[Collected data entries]

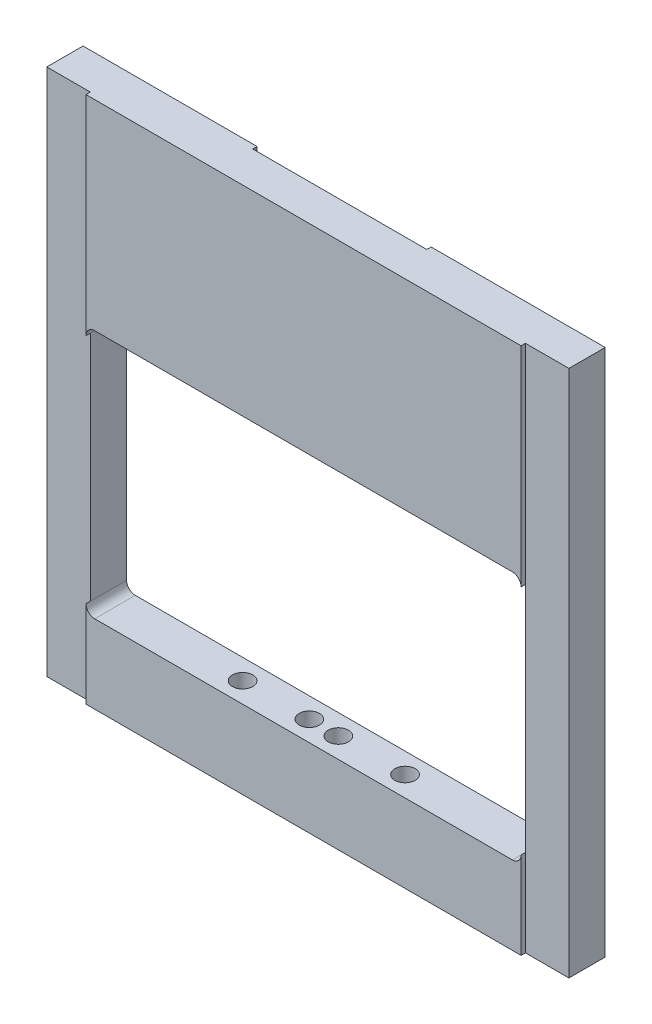
from build123d import *

# Parameters (mm, degrees)
SKETCH_1_W          = 180
SKETCH_1_H          = 182
EXTRUDE_1_DEPTH     = 7
SKETCH_2_W          = 60
SKETCH_2_H          = 64
SKETCH_2_H_2        = 22
CUT_EXTRUDE_1_DEPTH = 1.5
CUT_EXTRUDE_2_DEPTH = 1.5
CUT_EXTRUDE_3_REACH = 130.752
SKETCH_4_W          = 150
SKETCH_4_H          = 86
FILLET_1_R          = 3
CUT_EXTRUDE_4_REACH = 205.158
SKETCH_6_R          = 3.5
SKETCH_7_W          = 15
SKETCH_7_H          = 182
CUT_EXTRUDE_5_DEPTH = 1.5


with BuildPart() as part:
    # 草图1 → 凸台-拉伸1 (new, symmetric)
    with BuildSketch(Plane.XY):
        Rectangle(SKETCH_1_W, SKETCH_1_H)
    extrude(amount=EXTRUDE_1_DEPTH, both=True)

    # 草图2 → 切除-拉伸1 (cut)
    with BuildSketch(Plane(origin=(0, 0, -7), x_dir=(-1, 0, 0), z_dir=(0, 0, -1))):
        with Locations((0, 59)):
            Rectangle(SKETCH_2_W, SKETCH_2_H)
        with Locations((0, -80)):
            Rectangle(SKETCH_2_W, SKETCH_2_H_2)
    extrude(amount=-CUT_EXTRUDE_1_DEPTH, mode=Mode.SUBTRACT)

    # 草图3 → 切除-拉伸2 (cut)
    with BuildSketch(Plane(origin=(0, 0, -7), x_dir=(-1, 0, 0), z_dir=(0, 0, -1))):
        with BuildLine():
            Line((30, 27), (32, 27))
            ThreePointArc((32, 27), (37, 32), (32, 37))
            Line((32, 37), (30, 37))
            Line((30, 37), (30, 27))
        make_face()
        with BuildLine():
            Line((-30, 37), (-30, 27))
            Line((-30, 27), (-32, 27))
            ThreePointArc((-32, 27), (-37, 32), (-32, 37))
            Line((-32, 37), (-30, 37))
        make_face()
        with BuildLine():
            Line((30, -69), (32, -69))
            ThreePointArc((32, -69), (37, -74), (32, -79))
            Line((32, -79), (30, -79))
            Line((30, -79), (30, -69))
        make_face()
        with BuildLine():
            Line((-30, -79), (-30, -69))
            Line((-30, -69), (-32, -69))
            ThreePointArc((-32, -69), (-37, -74), (-32, -79))
            Line((-32, -79), (-30, -79))
        make_face()
    extrude(amount=-CUT_EXTRUDE_2_DEPTH, mode=Mode.SUBTRACT)

    # 草图4 → 切除-拉伸3 (cut, up to next)
    with BuildSketch(Plane(origin=(0, 0, -7), x_dir=(-1, 0, 0), z_dir=(0, 0, -1)), mode=Mode.PRIVATE) as cut_extrude_3_sk1:
        with Locations((0, -21)):
            Rectangle(SKETCH_4_W, SKETCH_4_H)
    cut_extrude_3_tool1 = extrude(cut_extrude_3_sk1.sketch, amount=-CUT_EXTRUDE_3_REACH, mode=Mode.PRIVATE) & part.part
    add(cut_extrude_3_tool1.solids().sort_by_distance((0, -21, -7))[0], mode=Mode.SUBTRACT)

    # 圆角1
    fillet_1_edges = [part.edges().sort_by_distance(p)[0] for p in [
        (-75, 22, 0),
        (-75, -64, 0),
        (75, -64, 0),
        (75, 22, 0),
    ]]
    fillet(fillet_1_edges, radius=FILLET_1_R)

    # 草图6 → 切除-拉伸4 (cut, up to next)
    with BuildSketch(Plane.XZ.offset(91), mode=Mode.PRIVATE) as cut_extrude_4_sk1:
        with Locations(Location((-28, 0, 0), (0, 0, 270))):
            Circle(SKETCH_6_R)
    cut_extrude_4_tool1 = extrude(cut_extrude_4_sk1.sketch, amount=-CUT_EXTRUDE_4_REACH, mode=Mode.PRIVATE) & part.part
    # 草图6 → 切除-拉伸4 (cut, up to next)
    with BuildSketch(Plane.XZ.offset(91), mode=Mode.PRIVATE) as cut_extrude_4_sk2:
        with Locations(Location((28, 0, 0), (0, 0, 270))):
            Circle(SKETCH_6_R)
    cut_extrude_4_tool2 = extrude(cut_extrude_4_sk2.sketch, amount=-CUT_EXTRUDE_4_REACH, mode=Mode.PRIVATE) & part.part
    # 草图6 → 切除-拉伸4 (cut, up to next)
    with BuildSketch(Plane.XZ.offset(91), mode=Mode.PRIVATE) as cut_extrude_4_sk3:
        with Locations(Location((-5, 0, 0), (0, 0, 270))):
            Circle(SKETCH_6_R)
    cut_extrude_4_tool3 = extrude(cut_extrude_4_sk3.sketch, amount=-CUT_EXTRUDE_4_REACH, mode=Mode.PRIVATE) & part.part
    # 草图6 → 切除-拉伸4 (cut, up to next)
    with BuildSketch(Plane.XZ.offset(91), mode=Mode.PRIVATE) as cut_extrude_4_sk4:
        with Locations(Location((5, 0, 0), (0, 0, 270))):
            Circle(SKETCH_6_R)
    cut_extrude_4_tool4 = extrude(cut_extrude_4_sk4.sketch, amount=-CUT_EXTRUDE_4_REACH, mode=Mode.PRIVATE) & part.part
    add(cut_extrude_4_tool1.solids().sort_by_distance((-28, -91, 0))[0], mode=Mode.SUBTRACT)
    add(cut_extrude_4_tool2.solids().sort_by_distance((28, -91, 0))[0], mode=Mode.SUBTRACT)
    add(cut_extrude_4_tool3.solids().sort_by_distance((-5, -91, 0))[0], mode=Mode.SUBTRACT)
    add(cut_extrude_4_tool4.solids().sort_by_distance((5, -91, 0))[0], mode=Mode.SUBTRACT)

    # 草图7 → 切除-拉伸5 (cut)
    with BuildSketch(Plane.XY.offset(7)):
        with Locations((-82.5, 0)):
            Rectangle(SKETCH_7_W, SKETCH_7_H)
        with Locations((82.5, 0)):
            Rectangle(SKETCH_7_W, SKETCH_7_H)
    extrude(amount=-CUT_EXTRUDE_5_DEPTH, mode=Mode.SUBTRACT)


solid = part.part

» **TRY IT**
Please, without any pictures, retype the records exactly as they appear.

» **SOLUTION FOR THIS TASK**
from build123d import *

# Parameters (mm, degrees)
SKETCH_1_W          = 180
SKETCH_1_H          = 182
EXTRUDE_1_DEPTH     = 7
SKETCH_2_W          = 60
SKETCH_2_H          = 64
SKETCH_2_H_2        = 22
CUT_EXTRUDE_1_DEPTH = 1.5
CUT_EXTRUDE_2_DEPTH = 1.5
CUT_EXTRUDE_3_REACH = 130.752
SKETCH_4_W          = 150
SKETCH_4_H          = 86
FILLET_1_R          = 3
CUT_EXTRUDE_4_REACH = 205.158
SKETCH_6_R          = 3.5
SKETCH_7_W          = 15
SKETCH_7_H          = 182
CUT_EXTRUDE_5_DEPTH = 1.5


with BuildPart() as part:
    # 草图1 → 凸台-拉伸1 (new, symmetric)
    with BuildSketch(Plane.XY):
        Rectangle(SKETCH_1_W, SKETCH_1_H)
    extrude(amount=EXTRUDE_1_DEPTH, both=True)

    # 草图2 → 切除-拉伸1 (cut)
    with BuildSketch(Plane(origin=(0, 0, -7), x_dir=(-1, 0, 0), z_dir=(0, 0, -1))):
        with Locations((0, 59)):
            Rectangle(SKETCH_2_W, SKETCH_2_H)
        with Locations((0, -80)):
            Rectangle(SKETCH_2_W, SKETCH_2_H_2)
    extrude(amount=-CUT_EXTRUDE_1_DEPTH, mode=Mode.SUBTRACT)

    # 草图3 → 切除-拉伸2 (cut)
    with BuildSketch(Plane(origin=(0, 0, -7), x_dir=(-1, 0, 0), z_dir=(0, 0, -1))):
        with BuildLine():
            Line((30, 27), (32, 27))
            ThreePointArc((32, 27), (37, 32), (32, 37))
            Line((32, 37), (30, 37))
            Line((30, 37), (30, 27))
        make_face()
        with BuildLine():
            Line((-30, 37), (-30, 27))
            Line((-30, 27), (-32, 27))
            ThreePointArc((-32, 27), (-37, 32), (-32, 37))
            Line((-32, 37), (-30, 37))
        make_face()
        with BuildLine():
            Line((30, -69), (32, -69))
            ThreePointArc((32, -69), (37, -74), (32, -79))
            Line((32, -79), (30, -79))
            Line((30, -79), (30, -69))
        make_face()
        with BuildLine():
            Line((-30, -79), (-30, -69))
            Line((-30, -69), (-32, -69))
            ThreePointArc((-32, -69), (-37, -74), (-32, -79))
            Line((-32, -79), (-30, -79))
        make_face()
    extrude(amount=-CUT_EXTRUDE_2_DEPTH, mode=Mode.SUBTRACT)

    # 草图4 → 切除-拉伸3 (cut, up to next)
    with BuildSketch(Plane(origin=(0, 0, -7), x_dir=(-1, 0, 0), z_dir=(0, 0, -1)), mode=Mode.PRIVATE) as cut_extrude_3_sk1:
        with Locations((0, -21)):
            Rectangle(SKETCH_4_W, SKETCH_4_H)
    cut_extrude_3_tool1 = extrude(cut_extrude_3_sk1.sketch, amount=-CUT_EXTRUDE_3_REACH, mode=Mode.PRIVATE) & part.part
    add(cut_extrude_3_tool1.solids().sort_by_distance((0, -21, -7))[0], mode=Mode.SUBTRACT)

    # 圆角1
    fillet_1_edges = [part.edges().sort_by_distance(p)[0] for p in [
        (-75, 22, 0),
        (-75, -64, 0),
        (75, -64, 0),
        (75, 22, 0),
    ]]
    fillet(fillet_1_edges, radius=FILLET_1_R)

    # 草图6 → 切除-拉伸4 (cut, up to next)
    with BuildSketch(Plane.XZ.offset(91), mode=Mode.PRIVATE) as cut_extrude_4_sk1:
        with Locations(Location((-28, 0, 0), (0, 0, 270))):
            Circle(SKETCH_6_R)
    cut_extrude_4_tool1 = extrude(cut_extrude_4_sk1.sketch, amount=-CUT_EXTRUDE_4_REACH, mode=Mode.PRIVATE) & part.part
    # 草图6 → 切除-拉伸4 (cut, up to next)
    with BuildSketch(Plane.XZ.offset(91), mode=Mode.PRIVATE) as cut_extrude_4_sk2:
        with Locations(Location((28, 0, 0), (0, 0, 270))):
            Circle(SKETCH_6_R)
    cut_extrude_4_tool2 = extrude(cut_extrude_4_sk2.sketch, amount=-CUT_EXTRUDE_4_REACH, mode=Mode.PRIVATE) & part.part
    # 草图6 → 切除-拉伸4 (cut, up to next)
    with BuildSketch(Plane.XZ.offset(91), mode=Mode.PRIVATE) as cut_extrude_4_sk3:
        with Locations(Location((-5, 0, 0), (0, 0, 270))):
            Circle(SKETCH_6_R)
    cut_extrude_4_tool3 = extrude(cut_extrude_4_sk3.sketch, amount=-CUT_EXTRUDE_4_REACH, mode=Mode.PRIVATE) & part.part
    # 草图6 → 切除-拉伸4 (cut, up to next)
    with BuildSketch(Plane.XZ.offset(91), mode=Mode.PRIVATE) as cut_extrude_4_sk4:
        with Locations(Location((5, 0, 0), (0, 0, 270))):
            Circle(SKETCH_6_R)
    cut_extrude_4_tool4 = extrude(cut_extrude_4_sk4.sketch, amount=-CUT_EXTRUDE_4_REACH, mode=Mode.PRIVATE) & part.part
    add(cut_extrude_4_tool1.solids().sort_by_distance((-28, -91, 0))[0], mode=Mode.SUBTRACT)
    add(cut_extrude_4_tool2.solids().sort_by_distance((28, -91, 0))[0], mode=Mode.SUBTRACT)
    add(cut_extrude_4_tool3.solids().sort_by_distance((-5, -91, 0))[0], mode=Mode.SUBTRACT)
    add(cut_extrude_4_tool4.solids().sort_by_distance((5, -91, 0))[0], mode=Mode.SUBTRACT)

    # 草图7 → 切除-拉伸5 (cut)
    with BuildSketch(Plane.XY.offset(7)):
        with Locations((-82.5, 0)):
            Rectangle(SKETCH_7_W, SKETCH_7_H)
        with Locations((82.5, 0)):
            Rectangle(SKETCH_7_W, SKETCH_7_H)
    extrude(amount=-CUT_EXTRUDE_5_DEPTH, mode=Mode.SUBTRACT)


solid = part.part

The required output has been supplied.